# Exercise
Search the data for the word "OPENING" and copy every line where it occurs.

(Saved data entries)
————————

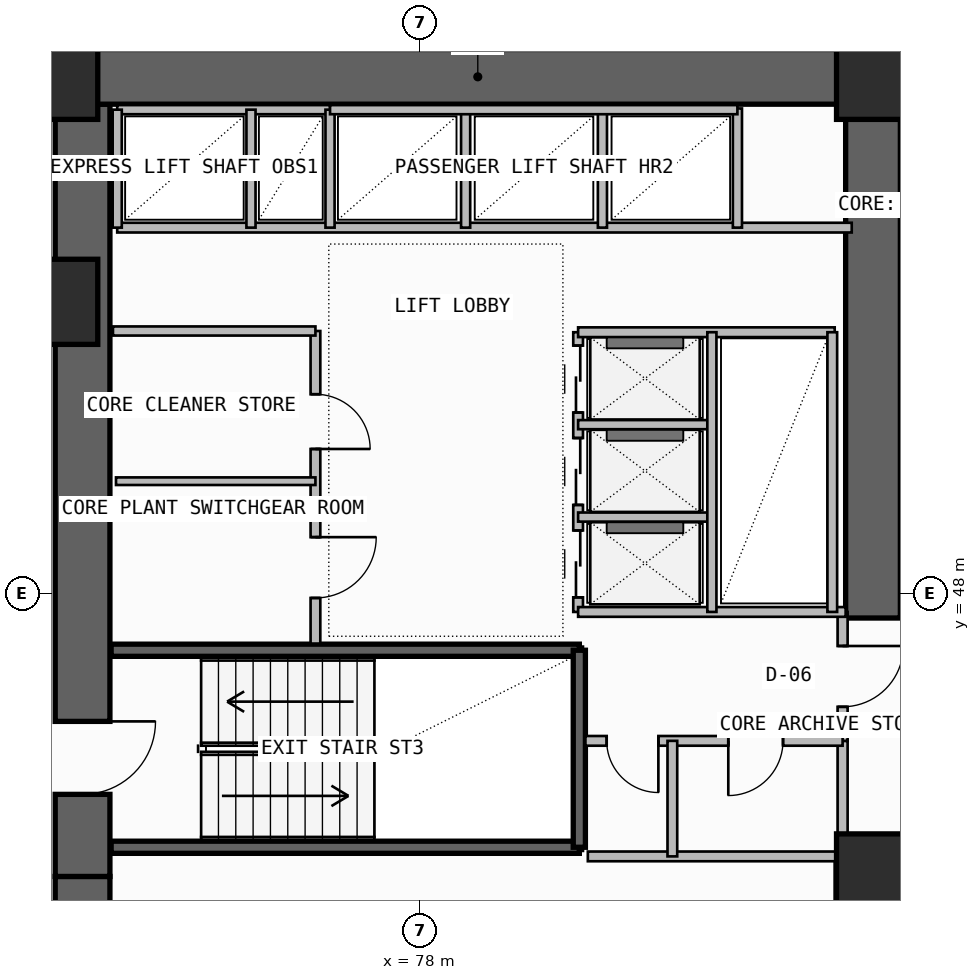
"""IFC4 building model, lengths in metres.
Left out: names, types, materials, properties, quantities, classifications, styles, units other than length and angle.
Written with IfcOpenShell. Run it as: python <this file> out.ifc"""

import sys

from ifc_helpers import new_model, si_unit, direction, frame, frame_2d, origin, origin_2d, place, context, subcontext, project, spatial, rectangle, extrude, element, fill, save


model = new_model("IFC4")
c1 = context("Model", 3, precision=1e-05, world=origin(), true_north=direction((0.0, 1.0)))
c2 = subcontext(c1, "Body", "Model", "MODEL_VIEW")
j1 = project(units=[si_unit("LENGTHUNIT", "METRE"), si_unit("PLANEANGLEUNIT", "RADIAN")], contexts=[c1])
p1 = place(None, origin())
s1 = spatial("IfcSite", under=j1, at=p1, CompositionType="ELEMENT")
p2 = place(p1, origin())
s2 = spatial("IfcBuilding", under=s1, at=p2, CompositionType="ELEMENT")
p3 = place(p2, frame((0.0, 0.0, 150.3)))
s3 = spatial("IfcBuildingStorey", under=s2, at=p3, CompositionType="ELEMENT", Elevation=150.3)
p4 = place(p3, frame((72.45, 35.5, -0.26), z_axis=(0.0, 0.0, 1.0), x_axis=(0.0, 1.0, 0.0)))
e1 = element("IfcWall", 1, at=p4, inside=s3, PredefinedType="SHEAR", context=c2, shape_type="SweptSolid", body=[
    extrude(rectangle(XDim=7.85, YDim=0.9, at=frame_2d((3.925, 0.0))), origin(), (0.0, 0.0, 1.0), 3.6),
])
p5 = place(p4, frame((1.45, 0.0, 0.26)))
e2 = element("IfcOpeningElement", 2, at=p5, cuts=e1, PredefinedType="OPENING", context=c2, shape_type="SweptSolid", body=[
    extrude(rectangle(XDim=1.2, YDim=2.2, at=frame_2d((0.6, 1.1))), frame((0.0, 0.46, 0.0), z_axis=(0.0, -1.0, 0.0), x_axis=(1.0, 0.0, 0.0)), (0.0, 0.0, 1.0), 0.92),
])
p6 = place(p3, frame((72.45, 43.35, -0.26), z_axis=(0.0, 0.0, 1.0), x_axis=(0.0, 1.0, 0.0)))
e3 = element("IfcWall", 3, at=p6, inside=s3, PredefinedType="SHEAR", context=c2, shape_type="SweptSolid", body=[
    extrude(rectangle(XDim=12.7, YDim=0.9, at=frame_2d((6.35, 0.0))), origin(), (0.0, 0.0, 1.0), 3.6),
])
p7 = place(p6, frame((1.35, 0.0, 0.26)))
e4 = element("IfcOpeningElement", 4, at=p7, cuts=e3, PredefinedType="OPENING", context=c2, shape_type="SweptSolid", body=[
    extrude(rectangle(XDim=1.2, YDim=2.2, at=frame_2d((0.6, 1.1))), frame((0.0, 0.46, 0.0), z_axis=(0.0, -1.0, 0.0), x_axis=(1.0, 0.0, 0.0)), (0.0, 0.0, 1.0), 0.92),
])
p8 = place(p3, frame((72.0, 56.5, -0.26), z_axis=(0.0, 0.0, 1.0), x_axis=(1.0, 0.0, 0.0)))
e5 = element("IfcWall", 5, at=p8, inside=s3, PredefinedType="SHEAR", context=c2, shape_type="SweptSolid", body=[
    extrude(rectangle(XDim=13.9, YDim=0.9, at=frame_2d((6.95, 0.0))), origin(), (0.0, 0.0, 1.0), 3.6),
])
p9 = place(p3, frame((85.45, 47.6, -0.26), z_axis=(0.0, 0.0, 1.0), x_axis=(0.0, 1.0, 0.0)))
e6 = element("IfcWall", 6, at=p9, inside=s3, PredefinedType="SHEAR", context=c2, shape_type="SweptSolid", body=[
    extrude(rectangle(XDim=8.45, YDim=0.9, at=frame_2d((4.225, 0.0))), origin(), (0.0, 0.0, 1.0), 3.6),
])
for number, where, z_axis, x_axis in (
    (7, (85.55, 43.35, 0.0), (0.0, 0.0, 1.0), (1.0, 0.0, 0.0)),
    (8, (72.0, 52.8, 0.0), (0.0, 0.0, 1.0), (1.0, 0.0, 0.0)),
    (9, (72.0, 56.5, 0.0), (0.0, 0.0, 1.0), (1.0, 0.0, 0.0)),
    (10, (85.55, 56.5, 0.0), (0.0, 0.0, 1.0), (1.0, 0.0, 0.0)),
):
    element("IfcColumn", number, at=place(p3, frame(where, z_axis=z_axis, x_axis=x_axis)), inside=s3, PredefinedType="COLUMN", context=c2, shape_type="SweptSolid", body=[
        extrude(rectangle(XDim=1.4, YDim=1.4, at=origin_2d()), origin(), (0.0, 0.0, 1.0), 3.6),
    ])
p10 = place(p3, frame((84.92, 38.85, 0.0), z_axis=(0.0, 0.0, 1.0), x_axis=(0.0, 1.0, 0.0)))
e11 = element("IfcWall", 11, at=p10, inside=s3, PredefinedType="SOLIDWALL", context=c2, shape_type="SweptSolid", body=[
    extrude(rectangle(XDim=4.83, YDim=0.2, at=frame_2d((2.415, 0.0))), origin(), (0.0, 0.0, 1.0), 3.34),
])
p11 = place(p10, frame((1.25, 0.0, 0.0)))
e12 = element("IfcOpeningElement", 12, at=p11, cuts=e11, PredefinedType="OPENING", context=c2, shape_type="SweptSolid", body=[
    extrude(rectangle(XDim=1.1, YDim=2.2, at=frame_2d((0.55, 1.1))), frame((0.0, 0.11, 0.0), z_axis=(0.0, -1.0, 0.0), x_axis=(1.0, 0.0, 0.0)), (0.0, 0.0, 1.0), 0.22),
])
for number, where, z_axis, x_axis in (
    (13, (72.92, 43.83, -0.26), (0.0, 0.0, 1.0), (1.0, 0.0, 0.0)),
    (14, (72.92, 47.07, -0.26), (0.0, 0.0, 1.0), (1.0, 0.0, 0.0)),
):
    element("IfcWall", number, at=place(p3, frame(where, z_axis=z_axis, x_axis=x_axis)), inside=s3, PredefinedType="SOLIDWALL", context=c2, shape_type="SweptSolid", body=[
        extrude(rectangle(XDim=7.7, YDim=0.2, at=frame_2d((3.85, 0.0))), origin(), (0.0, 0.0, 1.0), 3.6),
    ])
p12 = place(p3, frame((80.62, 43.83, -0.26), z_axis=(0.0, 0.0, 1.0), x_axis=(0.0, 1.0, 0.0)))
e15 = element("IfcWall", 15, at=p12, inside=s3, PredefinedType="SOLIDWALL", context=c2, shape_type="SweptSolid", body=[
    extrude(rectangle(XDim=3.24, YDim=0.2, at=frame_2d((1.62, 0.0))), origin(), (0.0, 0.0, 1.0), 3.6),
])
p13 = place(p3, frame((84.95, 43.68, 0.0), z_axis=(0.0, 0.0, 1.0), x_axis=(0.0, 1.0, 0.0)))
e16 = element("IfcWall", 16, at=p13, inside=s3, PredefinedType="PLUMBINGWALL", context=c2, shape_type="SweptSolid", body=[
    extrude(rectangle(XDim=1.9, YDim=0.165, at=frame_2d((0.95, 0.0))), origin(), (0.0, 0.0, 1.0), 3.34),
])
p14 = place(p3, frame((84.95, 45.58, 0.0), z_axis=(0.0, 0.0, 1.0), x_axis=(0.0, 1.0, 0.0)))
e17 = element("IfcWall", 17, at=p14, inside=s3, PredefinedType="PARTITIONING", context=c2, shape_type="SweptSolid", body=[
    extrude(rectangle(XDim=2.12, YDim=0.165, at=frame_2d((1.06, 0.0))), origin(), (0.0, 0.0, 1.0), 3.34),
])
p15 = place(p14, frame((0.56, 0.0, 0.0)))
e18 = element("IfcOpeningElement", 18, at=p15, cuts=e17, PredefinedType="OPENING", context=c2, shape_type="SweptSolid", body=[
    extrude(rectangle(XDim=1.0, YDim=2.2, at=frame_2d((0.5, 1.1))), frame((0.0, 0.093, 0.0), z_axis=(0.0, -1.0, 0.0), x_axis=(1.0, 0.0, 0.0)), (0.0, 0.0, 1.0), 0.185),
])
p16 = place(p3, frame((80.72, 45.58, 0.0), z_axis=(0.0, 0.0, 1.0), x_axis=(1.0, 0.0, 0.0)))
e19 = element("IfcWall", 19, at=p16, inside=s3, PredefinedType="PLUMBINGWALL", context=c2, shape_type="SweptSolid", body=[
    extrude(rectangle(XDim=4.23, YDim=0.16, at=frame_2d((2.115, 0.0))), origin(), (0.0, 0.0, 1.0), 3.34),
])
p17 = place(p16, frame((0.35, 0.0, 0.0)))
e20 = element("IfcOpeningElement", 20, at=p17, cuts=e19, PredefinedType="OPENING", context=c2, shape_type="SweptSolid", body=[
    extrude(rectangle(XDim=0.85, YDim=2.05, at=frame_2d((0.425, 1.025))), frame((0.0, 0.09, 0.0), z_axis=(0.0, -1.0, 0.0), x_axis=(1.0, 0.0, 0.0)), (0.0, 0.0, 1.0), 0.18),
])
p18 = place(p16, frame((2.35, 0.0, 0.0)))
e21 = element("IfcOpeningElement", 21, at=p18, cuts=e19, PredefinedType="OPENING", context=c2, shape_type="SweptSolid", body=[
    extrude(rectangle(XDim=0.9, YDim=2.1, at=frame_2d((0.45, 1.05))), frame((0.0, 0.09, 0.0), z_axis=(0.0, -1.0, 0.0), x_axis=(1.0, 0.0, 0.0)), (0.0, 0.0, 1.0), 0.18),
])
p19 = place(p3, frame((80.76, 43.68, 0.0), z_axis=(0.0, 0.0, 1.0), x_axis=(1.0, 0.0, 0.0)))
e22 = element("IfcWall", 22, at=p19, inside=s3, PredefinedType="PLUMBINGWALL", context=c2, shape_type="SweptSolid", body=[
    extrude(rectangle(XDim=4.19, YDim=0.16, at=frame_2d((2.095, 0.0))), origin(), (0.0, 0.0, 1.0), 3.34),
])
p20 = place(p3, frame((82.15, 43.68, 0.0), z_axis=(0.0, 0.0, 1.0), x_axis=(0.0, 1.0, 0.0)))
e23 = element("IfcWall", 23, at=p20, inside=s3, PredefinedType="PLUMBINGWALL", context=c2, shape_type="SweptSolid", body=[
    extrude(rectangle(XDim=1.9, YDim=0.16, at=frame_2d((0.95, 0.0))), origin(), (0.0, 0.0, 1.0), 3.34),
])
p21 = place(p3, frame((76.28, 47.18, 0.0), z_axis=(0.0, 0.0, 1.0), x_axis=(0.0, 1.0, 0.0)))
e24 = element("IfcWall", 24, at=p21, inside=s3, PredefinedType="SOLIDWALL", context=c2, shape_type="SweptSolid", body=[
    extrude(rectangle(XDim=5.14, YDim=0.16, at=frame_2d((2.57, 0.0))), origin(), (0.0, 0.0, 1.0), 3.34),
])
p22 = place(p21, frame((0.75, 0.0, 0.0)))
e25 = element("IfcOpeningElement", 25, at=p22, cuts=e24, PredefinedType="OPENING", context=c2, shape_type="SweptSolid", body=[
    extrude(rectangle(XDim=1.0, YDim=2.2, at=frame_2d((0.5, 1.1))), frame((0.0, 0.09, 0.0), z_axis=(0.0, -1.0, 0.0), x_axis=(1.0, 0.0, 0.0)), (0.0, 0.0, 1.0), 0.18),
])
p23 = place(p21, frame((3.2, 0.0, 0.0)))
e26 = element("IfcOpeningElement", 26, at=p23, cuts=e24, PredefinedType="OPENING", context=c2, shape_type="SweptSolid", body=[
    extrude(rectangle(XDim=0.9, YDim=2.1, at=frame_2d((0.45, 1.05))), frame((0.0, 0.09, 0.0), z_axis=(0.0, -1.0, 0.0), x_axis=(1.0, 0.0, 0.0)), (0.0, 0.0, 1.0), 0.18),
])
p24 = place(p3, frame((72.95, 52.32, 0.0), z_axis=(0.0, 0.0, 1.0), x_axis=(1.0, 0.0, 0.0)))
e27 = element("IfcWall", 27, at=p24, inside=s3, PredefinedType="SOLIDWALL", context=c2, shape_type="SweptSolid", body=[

————————

# Task answer
e2 = element("IfcOpeningElement", 2, at=p5, cuts=e1, PredefinedType="OPENING", context=c2, shape_type="SweptSolid", body=[
e4 = element("IfcOpeningElement", 4, at=p7, cuts=e3, PredefinedType="OPENING", context=c2, shape_type="SweptSolid", body=[
e12 = element("IfcOpeningElement", 12, at=p11, cuts=e11, PredefinedType="OPENING", context=c2, shape_type="SweptSolid", body=[
e18 = element("IfcOpeningElement", 18, at=p15, cuts=e17, PredefinedType="OPENING", context=c2, shape_type="SweptSolid", body=[
e20 = element("IfcOpeningElement", 20, at=p17, cuts=e19, PredefinedType="OPENING", context=c2, shape_type="SweptSolid", body=[
e21 = element("IfcOpeningElement", 21, at=p18, cuts=e19, PredefinedType="OPENING", context=c2, shape_type="SweptSolid", body=[
e25 = element("IfcOpeningElement", 25, at=p22, cuts=e24, PredefinedType="OPENING", context=c2, shape_type="SweptSolid", body=[
e26 = element("IfcOpeningElement", 26, at=p23, cuts=e24, PredefinedType="OPENING", context=c2, shape_type="SweptSolid", body=[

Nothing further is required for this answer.